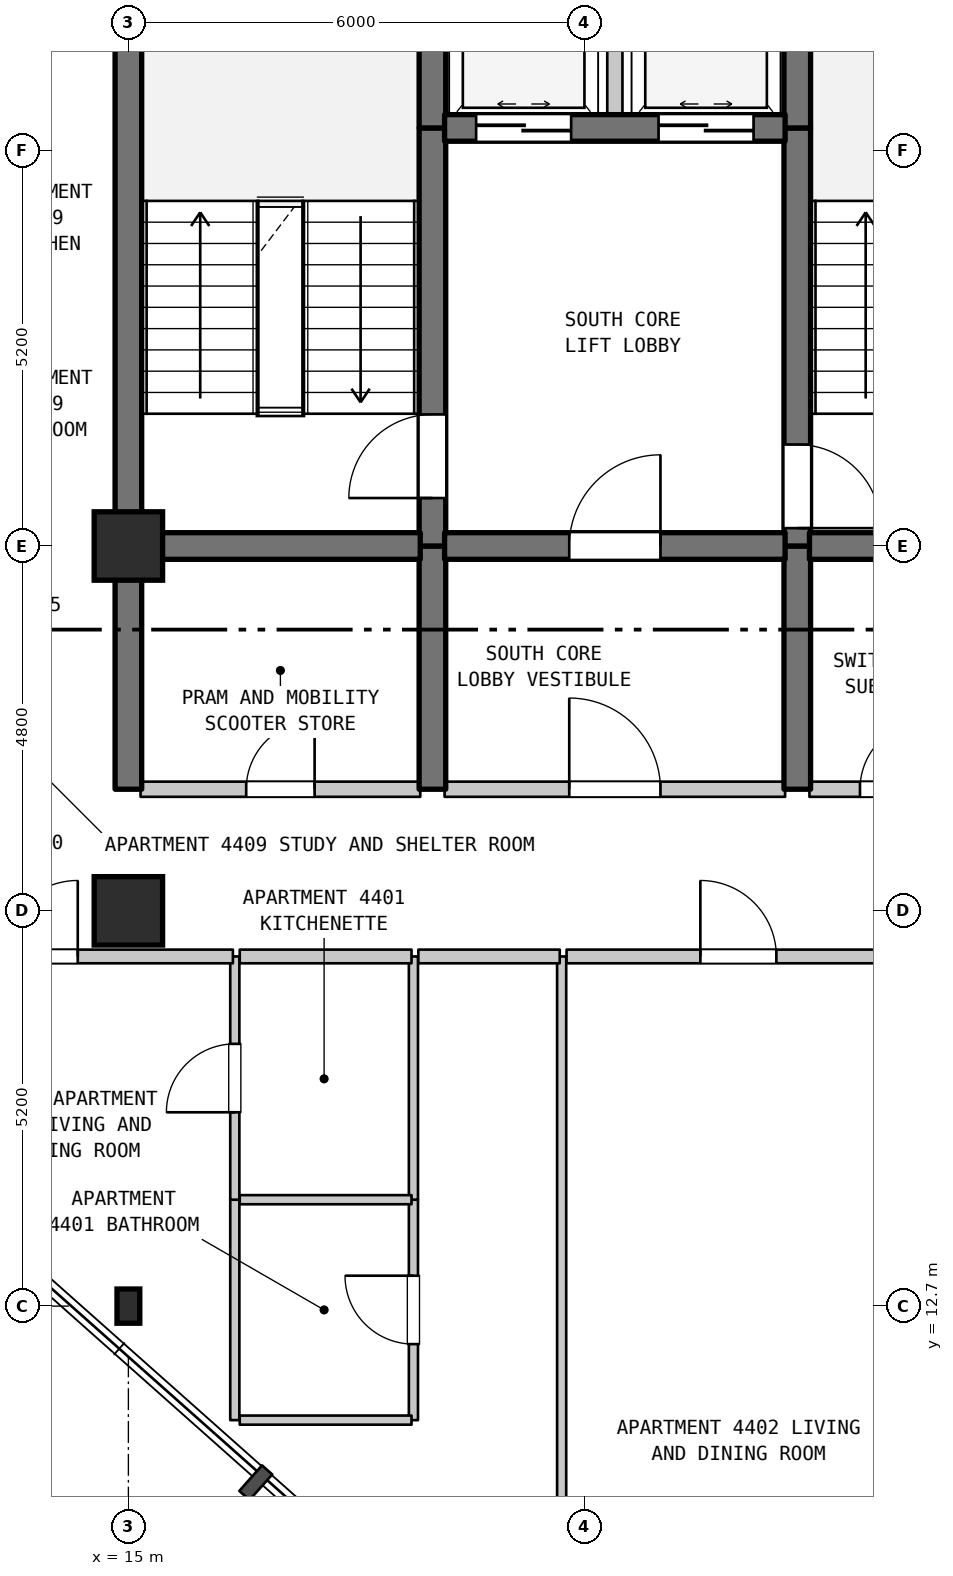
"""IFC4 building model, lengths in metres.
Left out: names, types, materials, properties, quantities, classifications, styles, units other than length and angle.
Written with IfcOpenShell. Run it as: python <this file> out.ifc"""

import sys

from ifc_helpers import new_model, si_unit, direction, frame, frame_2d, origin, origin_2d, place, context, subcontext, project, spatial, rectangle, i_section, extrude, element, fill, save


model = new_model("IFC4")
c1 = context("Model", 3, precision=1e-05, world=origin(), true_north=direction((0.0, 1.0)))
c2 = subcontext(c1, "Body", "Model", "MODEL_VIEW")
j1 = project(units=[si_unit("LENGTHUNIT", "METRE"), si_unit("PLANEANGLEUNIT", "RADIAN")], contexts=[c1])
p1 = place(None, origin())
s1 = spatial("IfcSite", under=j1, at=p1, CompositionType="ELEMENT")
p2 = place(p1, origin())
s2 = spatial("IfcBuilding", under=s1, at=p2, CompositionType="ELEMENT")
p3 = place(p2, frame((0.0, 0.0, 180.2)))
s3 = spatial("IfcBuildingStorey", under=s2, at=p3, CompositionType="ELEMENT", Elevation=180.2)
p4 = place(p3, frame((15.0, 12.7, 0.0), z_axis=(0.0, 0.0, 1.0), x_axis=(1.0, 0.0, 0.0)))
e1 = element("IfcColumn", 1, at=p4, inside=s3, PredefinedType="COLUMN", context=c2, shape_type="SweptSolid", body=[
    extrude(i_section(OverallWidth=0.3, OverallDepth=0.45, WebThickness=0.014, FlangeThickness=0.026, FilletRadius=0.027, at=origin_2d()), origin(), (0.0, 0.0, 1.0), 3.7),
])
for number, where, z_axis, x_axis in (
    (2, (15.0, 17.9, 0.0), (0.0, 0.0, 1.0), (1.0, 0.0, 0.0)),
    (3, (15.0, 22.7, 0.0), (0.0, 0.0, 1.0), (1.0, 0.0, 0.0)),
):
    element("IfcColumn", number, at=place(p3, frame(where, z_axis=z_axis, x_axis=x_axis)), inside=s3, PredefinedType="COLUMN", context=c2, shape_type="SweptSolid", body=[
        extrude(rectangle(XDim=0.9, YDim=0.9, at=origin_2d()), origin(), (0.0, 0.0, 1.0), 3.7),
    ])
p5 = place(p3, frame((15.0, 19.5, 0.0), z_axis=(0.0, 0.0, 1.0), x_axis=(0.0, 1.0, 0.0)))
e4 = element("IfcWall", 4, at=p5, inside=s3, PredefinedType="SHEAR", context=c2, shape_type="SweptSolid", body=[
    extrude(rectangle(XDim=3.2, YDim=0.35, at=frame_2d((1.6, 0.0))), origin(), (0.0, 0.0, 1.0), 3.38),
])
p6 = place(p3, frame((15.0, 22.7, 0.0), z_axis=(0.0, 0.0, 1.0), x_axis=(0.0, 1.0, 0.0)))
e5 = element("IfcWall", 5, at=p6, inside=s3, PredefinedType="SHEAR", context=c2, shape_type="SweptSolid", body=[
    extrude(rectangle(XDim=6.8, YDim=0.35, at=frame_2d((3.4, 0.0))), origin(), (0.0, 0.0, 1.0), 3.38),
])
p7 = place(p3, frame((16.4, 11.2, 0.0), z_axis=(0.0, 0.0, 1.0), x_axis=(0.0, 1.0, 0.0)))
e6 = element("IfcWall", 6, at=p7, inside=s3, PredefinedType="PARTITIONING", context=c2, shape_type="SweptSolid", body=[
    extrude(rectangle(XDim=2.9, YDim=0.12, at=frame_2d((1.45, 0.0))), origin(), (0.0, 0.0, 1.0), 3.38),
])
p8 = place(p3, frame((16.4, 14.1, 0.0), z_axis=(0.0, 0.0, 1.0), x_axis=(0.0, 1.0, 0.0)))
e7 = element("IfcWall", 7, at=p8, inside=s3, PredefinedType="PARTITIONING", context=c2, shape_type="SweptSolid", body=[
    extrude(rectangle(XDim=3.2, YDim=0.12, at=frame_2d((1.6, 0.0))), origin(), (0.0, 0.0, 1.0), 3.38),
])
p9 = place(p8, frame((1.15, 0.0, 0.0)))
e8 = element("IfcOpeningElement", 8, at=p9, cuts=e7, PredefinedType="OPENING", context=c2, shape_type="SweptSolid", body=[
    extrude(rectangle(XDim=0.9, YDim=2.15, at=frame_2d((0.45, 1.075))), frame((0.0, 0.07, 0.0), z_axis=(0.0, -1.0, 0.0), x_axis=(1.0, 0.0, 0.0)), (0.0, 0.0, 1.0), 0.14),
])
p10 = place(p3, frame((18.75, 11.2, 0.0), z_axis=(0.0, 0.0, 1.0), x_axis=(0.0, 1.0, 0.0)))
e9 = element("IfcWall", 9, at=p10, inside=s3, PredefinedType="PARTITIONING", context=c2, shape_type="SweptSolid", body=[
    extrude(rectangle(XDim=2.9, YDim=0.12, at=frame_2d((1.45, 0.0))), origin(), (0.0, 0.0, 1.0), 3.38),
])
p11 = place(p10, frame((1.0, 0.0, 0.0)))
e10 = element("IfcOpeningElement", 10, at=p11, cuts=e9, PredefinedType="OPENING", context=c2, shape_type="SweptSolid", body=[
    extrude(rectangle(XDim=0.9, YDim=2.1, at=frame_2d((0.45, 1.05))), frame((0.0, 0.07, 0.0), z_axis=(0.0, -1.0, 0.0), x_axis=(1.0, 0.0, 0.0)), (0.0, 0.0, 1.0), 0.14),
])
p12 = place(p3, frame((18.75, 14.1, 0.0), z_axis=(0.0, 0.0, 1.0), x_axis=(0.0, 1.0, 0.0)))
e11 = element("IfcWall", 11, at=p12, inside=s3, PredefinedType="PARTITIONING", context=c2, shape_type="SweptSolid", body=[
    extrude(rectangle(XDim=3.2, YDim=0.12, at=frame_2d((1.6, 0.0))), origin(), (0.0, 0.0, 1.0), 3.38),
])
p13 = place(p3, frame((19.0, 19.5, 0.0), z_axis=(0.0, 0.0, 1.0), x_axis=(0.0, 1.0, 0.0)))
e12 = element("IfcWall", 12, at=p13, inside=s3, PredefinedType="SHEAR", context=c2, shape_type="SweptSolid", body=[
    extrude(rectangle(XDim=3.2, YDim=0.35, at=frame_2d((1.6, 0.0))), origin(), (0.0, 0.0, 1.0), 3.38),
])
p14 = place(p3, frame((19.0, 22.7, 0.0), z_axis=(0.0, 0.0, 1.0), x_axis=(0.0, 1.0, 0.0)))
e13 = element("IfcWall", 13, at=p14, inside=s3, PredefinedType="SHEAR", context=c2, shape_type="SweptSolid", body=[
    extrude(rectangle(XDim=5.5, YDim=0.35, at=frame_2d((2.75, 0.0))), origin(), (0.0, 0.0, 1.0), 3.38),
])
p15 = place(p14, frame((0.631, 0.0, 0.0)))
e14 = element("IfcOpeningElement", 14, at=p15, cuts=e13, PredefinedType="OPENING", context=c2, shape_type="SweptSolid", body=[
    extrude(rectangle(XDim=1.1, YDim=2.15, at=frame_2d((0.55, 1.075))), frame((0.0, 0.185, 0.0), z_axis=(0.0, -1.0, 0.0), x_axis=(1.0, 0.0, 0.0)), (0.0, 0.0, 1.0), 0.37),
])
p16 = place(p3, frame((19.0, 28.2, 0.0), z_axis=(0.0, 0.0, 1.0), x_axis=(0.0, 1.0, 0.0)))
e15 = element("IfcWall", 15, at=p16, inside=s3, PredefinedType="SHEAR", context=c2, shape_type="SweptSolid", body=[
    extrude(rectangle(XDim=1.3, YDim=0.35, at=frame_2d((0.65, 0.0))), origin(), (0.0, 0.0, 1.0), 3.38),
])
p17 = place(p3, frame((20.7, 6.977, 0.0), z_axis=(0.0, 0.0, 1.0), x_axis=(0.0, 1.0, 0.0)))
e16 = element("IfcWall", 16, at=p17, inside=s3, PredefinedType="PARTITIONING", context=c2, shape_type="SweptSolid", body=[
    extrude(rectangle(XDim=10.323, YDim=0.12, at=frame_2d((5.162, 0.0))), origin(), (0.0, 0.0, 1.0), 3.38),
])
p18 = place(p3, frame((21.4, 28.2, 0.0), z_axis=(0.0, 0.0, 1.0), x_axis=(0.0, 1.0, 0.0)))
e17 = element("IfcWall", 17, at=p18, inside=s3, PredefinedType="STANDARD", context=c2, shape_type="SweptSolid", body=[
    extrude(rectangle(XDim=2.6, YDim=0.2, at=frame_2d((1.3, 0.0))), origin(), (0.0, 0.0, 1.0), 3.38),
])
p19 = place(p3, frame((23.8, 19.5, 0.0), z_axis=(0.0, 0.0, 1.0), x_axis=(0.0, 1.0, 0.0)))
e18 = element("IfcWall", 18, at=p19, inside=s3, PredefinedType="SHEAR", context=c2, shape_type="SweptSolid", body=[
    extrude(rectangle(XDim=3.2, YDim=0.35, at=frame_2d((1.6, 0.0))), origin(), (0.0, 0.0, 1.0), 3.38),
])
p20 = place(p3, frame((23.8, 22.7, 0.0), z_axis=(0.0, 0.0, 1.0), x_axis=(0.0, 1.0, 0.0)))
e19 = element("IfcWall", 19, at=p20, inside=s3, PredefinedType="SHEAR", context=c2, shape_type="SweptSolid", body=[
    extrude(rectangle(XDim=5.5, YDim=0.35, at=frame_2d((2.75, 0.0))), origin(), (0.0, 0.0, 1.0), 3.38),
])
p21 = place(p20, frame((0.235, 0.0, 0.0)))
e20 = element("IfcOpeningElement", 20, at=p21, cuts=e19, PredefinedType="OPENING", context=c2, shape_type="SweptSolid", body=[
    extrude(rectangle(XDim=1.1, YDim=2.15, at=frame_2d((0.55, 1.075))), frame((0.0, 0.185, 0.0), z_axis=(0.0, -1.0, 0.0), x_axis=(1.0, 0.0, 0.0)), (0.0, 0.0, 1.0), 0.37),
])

────────────────────────────────────────

• [EXERCISE PROMPT]: Could you find every line in the records above that has the string "import" and copy it?

• [WRITTEN RESPONSE]:
import sys
from ifc_helpers import new_model, si_unit, direction, frame, frame_2d, origin, origin_2d, place, context, subcontext, project, spatial, rectangle, i_section, extrude, element, fill, save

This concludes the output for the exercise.